[Stored records]
=== Section Start ===

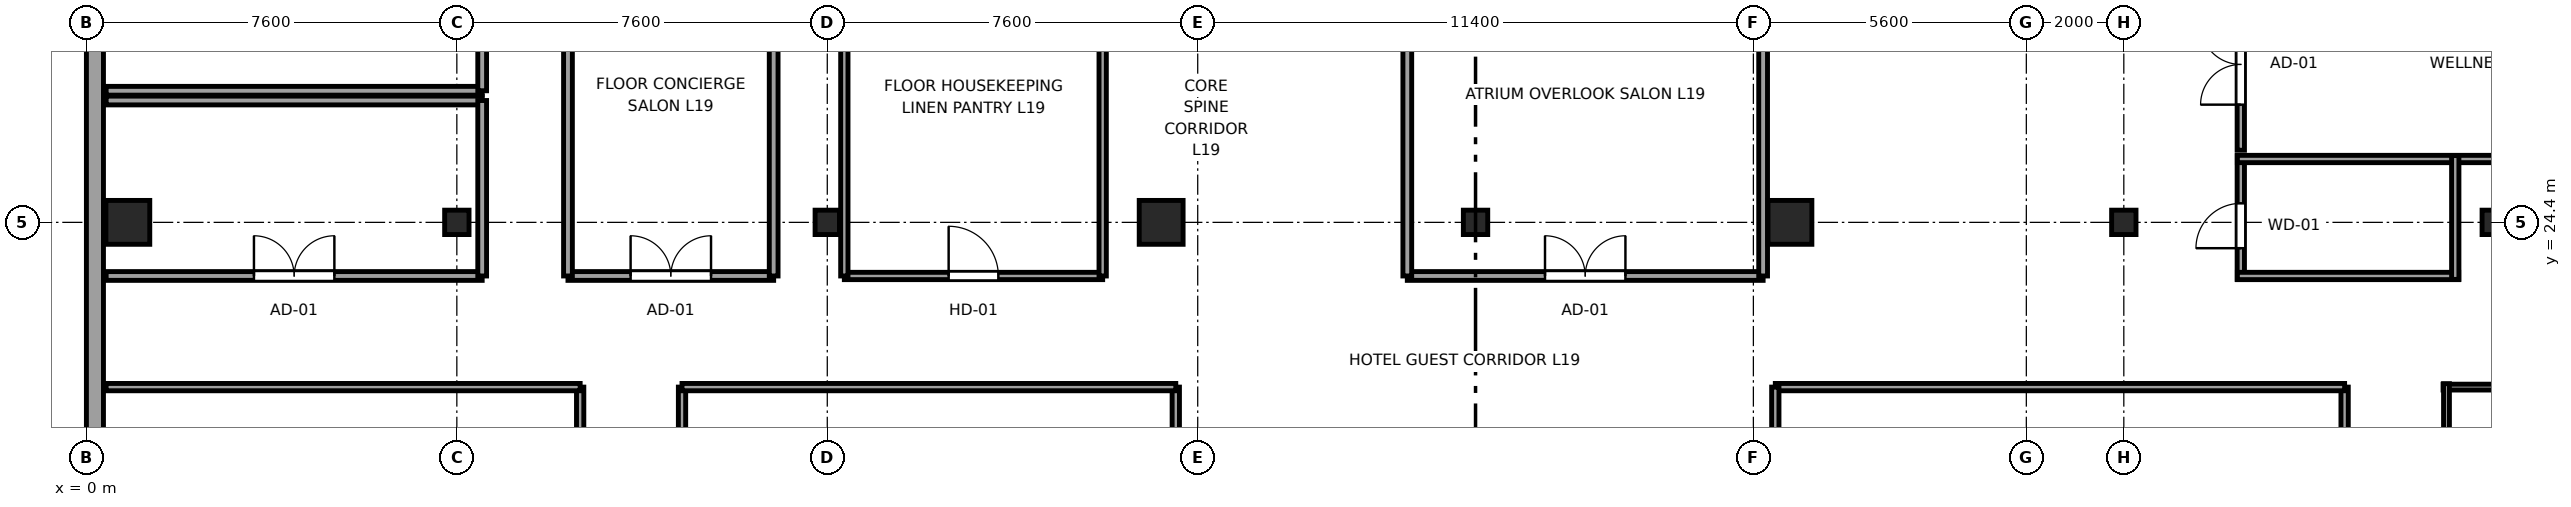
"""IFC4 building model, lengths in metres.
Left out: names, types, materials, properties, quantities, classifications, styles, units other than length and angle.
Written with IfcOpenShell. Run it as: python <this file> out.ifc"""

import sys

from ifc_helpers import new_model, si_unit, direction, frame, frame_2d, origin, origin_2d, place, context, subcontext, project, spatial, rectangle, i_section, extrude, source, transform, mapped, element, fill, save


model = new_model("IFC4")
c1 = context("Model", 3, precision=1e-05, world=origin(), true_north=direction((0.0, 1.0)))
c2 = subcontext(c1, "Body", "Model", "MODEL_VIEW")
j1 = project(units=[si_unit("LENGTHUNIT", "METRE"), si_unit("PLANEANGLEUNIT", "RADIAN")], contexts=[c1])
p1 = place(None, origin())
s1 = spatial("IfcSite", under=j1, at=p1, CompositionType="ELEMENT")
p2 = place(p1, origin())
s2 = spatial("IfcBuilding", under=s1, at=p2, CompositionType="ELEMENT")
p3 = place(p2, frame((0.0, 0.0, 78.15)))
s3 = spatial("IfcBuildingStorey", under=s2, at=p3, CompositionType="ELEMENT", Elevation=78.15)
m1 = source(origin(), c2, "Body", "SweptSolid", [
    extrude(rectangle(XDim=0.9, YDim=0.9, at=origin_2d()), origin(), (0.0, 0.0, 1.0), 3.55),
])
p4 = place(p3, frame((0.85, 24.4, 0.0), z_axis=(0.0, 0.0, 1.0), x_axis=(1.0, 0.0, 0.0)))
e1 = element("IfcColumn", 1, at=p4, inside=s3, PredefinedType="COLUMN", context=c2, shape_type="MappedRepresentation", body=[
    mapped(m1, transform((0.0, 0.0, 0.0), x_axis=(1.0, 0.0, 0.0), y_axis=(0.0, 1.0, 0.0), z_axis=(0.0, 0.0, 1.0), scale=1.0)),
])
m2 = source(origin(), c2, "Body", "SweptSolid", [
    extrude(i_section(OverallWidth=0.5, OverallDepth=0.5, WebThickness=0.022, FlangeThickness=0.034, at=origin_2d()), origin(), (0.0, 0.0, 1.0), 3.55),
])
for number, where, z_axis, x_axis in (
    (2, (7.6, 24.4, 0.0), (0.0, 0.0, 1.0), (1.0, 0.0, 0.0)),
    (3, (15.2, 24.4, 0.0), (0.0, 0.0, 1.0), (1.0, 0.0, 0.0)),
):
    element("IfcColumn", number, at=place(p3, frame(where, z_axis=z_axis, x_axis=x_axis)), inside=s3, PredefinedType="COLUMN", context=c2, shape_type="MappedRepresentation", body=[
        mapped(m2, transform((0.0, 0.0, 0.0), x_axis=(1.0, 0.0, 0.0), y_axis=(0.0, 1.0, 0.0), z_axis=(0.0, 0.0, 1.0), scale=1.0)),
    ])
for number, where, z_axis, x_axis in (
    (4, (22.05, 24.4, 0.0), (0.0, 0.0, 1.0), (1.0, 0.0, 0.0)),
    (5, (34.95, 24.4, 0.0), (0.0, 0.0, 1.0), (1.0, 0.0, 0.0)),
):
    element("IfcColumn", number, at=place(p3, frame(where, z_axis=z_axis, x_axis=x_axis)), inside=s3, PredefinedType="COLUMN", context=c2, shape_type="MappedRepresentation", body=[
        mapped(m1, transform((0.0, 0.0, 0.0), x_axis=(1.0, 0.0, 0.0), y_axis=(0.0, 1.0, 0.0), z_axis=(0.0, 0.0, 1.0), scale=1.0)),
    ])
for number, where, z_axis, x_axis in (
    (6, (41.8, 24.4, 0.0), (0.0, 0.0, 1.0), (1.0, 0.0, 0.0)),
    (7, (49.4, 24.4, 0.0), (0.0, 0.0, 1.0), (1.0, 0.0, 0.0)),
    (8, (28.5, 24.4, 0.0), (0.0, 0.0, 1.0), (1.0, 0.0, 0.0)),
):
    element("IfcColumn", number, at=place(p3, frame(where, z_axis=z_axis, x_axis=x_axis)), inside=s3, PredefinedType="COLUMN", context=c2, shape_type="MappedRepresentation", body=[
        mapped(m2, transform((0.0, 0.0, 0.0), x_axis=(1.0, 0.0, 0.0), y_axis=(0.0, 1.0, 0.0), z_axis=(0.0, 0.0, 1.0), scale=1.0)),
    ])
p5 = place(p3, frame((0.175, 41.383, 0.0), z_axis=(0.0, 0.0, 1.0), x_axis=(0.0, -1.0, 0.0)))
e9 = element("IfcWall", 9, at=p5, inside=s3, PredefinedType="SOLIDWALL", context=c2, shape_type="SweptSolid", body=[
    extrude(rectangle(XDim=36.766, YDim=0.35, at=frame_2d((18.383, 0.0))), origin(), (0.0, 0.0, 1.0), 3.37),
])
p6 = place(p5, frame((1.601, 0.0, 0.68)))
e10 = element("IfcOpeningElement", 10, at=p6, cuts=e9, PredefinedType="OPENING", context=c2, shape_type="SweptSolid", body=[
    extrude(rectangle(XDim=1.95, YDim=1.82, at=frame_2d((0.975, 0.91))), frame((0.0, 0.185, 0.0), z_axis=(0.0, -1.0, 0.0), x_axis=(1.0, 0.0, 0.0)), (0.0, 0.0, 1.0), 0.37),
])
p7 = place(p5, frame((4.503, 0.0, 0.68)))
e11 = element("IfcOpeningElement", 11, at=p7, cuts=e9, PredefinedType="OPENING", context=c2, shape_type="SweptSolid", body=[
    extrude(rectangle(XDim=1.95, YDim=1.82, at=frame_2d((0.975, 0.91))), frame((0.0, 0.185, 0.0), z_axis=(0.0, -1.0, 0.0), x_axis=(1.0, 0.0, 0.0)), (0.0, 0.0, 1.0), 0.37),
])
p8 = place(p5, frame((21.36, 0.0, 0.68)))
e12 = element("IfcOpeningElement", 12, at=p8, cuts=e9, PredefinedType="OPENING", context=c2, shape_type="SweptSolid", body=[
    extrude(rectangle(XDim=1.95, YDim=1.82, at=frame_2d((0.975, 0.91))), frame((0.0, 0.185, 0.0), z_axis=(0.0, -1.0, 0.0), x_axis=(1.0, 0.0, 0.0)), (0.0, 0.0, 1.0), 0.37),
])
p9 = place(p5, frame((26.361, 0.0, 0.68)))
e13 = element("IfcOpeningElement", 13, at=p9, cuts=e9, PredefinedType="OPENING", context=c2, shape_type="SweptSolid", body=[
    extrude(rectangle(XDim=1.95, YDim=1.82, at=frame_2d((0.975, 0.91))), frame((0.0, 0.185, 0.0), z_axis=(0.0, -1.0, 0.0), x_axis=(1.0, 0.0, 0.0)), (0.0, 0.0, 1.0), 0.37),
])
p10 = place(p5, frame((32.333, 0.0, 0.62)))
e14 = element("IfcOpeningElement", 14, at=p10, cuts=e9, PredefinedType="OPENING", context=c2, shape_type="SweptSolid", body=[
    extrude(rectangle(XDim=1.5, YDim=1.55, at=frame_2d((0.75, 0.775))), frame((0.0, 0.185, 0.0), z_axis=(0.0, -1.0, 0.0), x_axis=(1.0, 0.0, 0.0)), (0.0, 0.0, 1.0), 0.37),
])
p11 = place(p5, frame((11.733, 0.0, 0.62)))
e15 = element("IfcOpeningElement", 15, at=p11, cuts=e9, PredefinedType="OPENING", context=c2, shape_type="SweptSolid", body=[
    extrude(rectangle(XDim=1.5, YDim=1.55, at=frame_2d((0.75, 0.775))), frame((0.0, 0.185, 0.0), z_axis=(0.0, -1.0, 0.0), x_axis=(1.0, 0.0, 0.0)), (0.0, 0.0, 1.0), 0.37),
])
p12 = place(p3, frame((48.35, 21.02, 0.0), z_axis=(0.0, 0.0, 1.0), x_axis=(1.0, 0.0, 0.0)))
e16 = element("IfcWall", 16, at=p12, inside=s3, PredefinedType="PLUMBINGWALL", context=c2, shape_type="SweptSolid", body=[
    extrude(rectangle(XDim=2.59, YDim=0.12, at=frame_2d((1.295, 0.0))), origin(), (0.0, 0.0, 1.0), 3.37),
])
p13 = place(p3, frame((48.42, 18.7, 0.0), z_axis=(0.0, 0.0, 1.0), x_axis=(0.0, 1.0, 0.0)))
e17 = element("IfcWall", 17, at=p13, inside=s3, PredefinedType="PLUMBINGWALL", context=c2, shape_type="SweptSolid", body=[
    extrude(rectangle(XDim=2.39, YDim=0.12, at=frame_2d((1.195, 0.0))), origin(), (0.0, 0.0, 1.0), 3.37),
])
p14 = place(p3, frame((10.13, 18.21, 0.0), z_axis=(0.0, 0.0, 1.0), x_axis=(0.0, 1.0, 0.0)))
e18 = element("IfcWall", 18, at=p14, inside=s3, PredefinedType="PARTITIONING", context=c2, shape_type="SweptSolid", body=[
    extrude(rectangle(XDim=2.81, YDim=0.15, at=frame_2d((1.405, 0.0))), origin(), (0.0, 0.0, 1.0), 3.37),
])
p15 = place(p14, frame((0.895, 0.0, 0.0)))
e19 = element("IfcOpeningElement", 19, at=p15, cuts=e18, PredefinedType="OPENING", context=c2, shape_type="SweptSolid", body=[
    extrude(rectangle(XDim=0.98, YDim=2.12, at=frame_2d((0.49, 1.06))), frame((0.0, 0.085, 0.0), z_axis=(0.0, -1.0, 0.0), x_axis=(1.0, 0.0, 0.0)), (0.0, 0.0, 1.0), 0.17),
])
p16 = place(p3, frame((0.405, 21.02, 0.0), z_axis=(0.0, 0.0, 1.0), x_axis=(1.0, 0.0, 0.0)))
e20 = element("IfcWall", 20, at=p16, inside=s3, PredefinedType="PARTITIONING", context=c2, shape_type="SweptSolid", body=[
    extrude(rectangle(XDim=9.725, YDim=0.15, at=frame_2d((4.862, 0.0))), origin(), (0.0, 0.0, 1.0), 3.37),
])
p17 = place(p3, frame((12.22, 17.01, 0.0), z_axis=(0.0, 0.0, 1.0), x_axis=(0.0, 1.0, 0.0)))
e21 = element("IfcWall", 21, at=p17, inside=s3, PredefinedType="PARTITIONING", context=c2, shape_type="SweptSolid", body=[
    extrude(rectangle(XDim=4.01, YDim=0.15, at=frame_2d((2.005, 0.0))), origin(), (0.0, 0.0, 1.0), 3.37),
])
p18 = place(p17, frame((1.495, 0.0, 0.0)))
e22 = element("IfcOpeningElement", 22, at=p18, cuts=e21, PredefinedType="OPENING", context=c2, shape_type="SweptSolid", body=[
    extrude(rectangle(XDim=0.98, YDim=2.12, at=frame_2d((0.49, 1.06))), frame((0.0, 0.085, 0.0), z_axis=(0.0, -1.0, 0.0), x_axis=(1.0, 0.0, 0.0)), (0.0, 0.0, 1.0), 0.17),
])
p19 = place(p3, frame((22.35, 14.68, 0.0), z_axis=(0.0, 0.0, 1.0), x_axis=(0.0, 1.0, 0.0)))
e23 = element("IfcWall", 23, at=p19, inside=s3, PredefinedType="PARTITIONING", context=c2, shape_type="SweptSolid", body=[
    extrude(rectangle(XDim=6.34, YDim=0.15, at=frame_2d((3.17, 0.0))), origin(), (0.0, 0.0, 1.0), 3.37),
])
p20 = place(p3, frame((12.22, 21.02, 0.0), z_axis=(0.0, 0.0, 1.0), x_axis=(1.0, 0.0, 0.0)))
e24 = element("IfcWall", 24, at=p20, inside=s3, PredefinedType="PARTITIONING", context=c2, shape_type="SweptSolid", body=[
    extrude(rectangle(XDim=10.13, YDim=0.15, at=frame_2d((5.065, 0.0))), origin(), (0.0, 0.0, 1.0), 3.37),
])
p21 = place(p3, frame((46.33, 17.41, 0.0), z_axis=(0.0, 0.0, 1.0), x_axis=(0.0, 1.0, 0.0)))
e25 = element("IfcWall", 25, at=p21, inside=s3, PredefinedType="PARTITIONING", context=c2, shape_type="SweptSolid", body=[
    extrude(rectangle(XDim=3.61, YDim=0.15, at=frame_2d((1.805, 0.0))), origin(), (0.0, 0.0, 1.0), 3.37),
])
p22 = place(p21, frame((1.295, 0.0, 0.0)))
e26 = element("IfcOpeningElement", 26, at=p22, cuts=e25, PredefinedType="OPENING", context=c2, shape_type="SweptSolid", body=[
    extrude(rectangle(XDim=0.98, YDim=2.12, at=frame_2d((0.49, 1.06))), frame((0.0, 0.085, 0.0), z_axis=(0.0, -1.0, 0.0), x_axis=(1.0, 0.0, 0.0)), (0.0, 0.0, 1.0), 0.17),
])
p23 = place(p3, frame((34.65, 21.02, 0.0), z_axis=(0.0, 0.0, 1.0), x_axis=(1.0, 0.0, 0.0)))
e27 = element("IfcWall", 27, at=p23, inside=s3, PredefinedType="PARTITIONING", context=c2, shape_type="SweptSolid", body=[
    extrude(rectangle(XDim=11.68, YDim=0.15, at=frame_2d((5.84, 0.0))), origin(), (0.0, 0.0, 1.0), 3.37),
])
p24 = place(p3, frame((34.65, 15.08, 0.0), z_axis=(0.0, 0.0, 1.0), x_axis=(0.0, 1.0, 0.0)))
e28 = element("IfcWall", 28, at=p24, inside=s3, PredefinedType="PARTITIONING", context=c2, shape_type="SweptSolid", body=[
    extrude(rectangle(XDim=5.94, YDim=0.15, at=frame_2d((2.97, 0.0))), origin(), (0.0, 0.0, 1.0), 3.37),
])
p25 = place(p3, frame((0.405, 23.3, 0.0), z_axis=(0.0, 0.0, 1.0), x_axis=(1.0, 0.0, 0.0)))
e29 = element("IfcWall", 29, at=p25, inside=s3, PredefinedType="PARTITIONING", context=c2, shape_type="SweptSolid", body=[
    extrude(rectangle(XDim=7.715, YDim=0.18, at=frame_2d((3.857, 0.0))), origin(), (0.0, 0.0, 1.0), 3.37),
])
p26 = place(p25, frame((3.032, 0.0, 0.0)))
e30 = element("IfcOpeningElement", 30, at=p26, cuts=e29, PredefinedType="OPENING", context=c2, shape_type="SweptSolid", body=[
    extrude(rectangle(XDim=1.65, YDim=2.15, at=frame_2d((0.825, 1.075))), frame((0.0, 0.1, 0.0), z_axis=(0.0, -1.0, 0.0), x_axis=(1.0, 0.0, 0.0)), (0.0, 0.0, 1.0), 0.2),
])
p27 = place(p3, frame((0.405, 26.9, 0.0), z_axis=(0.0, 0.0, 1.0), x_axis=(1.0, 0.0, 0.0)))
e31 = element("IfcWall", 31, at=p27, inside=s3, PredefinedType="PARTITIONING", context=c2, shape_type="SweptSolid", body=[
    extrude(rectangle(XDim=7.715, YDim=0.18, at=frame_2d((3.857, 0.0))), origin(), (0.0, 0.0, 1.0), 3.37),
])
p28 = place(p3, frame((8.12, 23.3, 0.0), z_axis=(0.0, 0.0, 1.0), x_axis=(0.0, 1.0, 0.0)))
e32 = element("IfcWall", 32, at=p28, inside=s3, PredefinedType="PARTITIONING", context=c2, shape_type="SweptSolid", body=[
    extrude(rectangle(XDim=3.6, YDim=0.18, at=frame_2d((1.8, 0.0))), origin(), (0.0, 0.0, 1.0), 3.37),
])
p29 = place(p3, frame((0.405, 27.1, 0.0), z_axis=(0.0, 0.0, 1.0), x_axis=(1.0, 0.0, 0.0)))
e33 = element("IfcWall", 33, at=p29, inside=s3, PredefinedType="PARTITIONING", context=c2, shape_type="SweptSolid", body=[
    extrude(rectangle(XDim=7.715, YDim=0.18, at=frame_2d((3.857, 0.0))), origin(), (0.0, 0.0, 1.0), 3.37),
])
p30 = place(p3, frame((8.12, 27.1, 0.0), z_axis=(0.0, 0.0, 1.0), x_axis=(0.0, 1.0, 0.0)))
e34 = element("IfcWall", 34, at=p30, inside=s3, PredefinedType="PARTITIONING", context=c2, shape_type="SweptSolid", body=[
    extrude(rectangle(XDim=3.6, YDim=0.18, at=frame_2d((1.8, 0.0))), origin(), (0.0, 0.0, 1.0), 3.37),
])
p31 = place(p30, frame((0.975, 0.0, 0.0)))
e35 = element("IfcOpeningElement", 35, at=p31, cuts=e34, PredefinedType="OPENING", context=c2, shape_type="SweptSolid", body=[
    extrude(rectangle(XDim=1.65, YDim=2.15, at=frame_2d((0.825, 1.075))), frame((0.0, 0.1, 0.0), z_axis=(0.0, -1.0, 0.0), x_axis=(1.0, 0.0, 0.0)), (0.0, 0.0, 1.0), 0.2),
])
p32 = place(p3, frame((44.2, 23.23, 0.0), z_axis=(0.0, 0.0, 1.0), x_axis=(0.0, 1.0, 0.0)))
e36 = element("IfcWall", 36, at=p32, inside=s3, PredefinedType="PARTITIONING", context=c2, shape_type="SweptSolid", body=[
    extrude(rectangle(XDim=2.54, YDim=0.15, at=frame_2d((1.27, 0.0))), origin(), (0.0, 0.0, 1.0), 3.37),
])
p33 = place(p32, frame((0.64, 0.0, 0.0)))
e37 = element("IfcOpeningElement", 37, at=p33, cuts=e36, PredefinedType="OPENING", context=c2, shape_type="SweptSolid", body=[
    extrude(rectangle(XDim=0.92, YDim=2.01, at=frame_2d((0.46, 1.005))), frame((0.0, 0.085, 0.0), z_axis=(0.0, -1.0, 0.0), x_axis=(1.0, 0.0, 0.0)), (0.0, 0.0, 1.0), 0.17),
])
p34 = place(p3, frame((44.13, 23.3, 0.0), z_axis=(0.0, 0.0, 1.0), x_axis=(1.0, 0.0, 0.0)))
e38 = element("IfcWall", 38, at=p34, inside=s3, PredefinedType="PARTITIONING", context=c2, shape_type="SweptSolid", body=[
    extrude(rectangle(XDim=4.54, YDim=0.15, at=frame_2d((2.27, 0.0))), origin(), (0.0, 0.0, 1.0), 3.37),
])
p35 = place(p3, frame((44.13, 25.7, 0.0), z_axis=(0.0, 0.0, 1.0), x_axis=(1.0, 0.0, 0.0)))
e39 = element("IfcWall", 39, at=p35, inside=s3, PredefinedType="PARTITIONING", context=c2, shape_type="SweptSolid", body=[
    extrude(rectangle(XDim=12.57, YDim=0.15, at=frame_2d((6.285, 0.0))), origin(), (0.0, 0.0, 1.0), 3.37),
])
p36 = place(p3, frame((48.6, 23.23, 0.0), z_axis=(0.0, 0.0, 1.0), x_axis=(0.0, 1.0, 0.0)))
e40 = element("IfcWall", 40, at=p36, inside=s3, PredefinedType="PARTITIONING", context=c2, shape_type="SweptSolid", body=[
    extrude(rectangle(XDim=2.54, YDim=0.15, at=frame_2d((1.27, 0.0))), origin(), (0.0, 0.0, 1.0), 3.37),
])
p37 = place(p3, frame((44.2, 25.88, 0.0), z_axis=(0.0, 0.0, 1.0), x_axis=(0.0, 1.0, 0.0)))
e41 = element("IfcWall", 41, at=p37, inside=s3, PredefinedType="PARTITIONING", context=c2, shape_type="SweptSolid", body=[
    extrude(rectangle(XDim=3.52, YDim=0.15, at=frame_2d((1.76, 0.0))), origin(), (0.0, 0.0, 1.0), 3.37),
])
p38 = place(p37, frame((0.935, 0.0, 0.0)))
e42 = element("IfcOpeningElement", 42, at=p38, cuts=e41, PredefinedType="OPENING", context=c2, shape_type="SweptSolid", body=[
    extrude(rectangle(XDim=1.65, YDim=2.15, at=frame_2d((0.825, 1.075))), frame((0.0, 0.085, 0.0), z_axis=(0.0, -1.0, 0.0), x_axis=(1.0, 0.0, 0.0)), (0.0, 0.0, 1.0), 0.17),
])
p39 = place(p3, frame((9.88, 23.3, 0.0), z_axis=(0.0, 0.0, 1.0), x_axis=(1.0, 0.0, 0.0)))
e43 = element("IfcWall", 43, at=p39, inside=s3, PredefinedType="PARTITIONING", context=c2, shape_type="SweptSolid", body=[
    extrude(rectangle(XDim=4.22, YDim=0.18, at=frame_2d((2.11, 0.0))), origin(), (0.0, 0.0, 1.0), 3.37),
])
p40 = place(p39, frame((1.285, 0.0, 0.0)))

=== Section End ===

Exercise directions
Give the number of lines in the data above that contain the word "under", with no accompanying text.

Solution below
3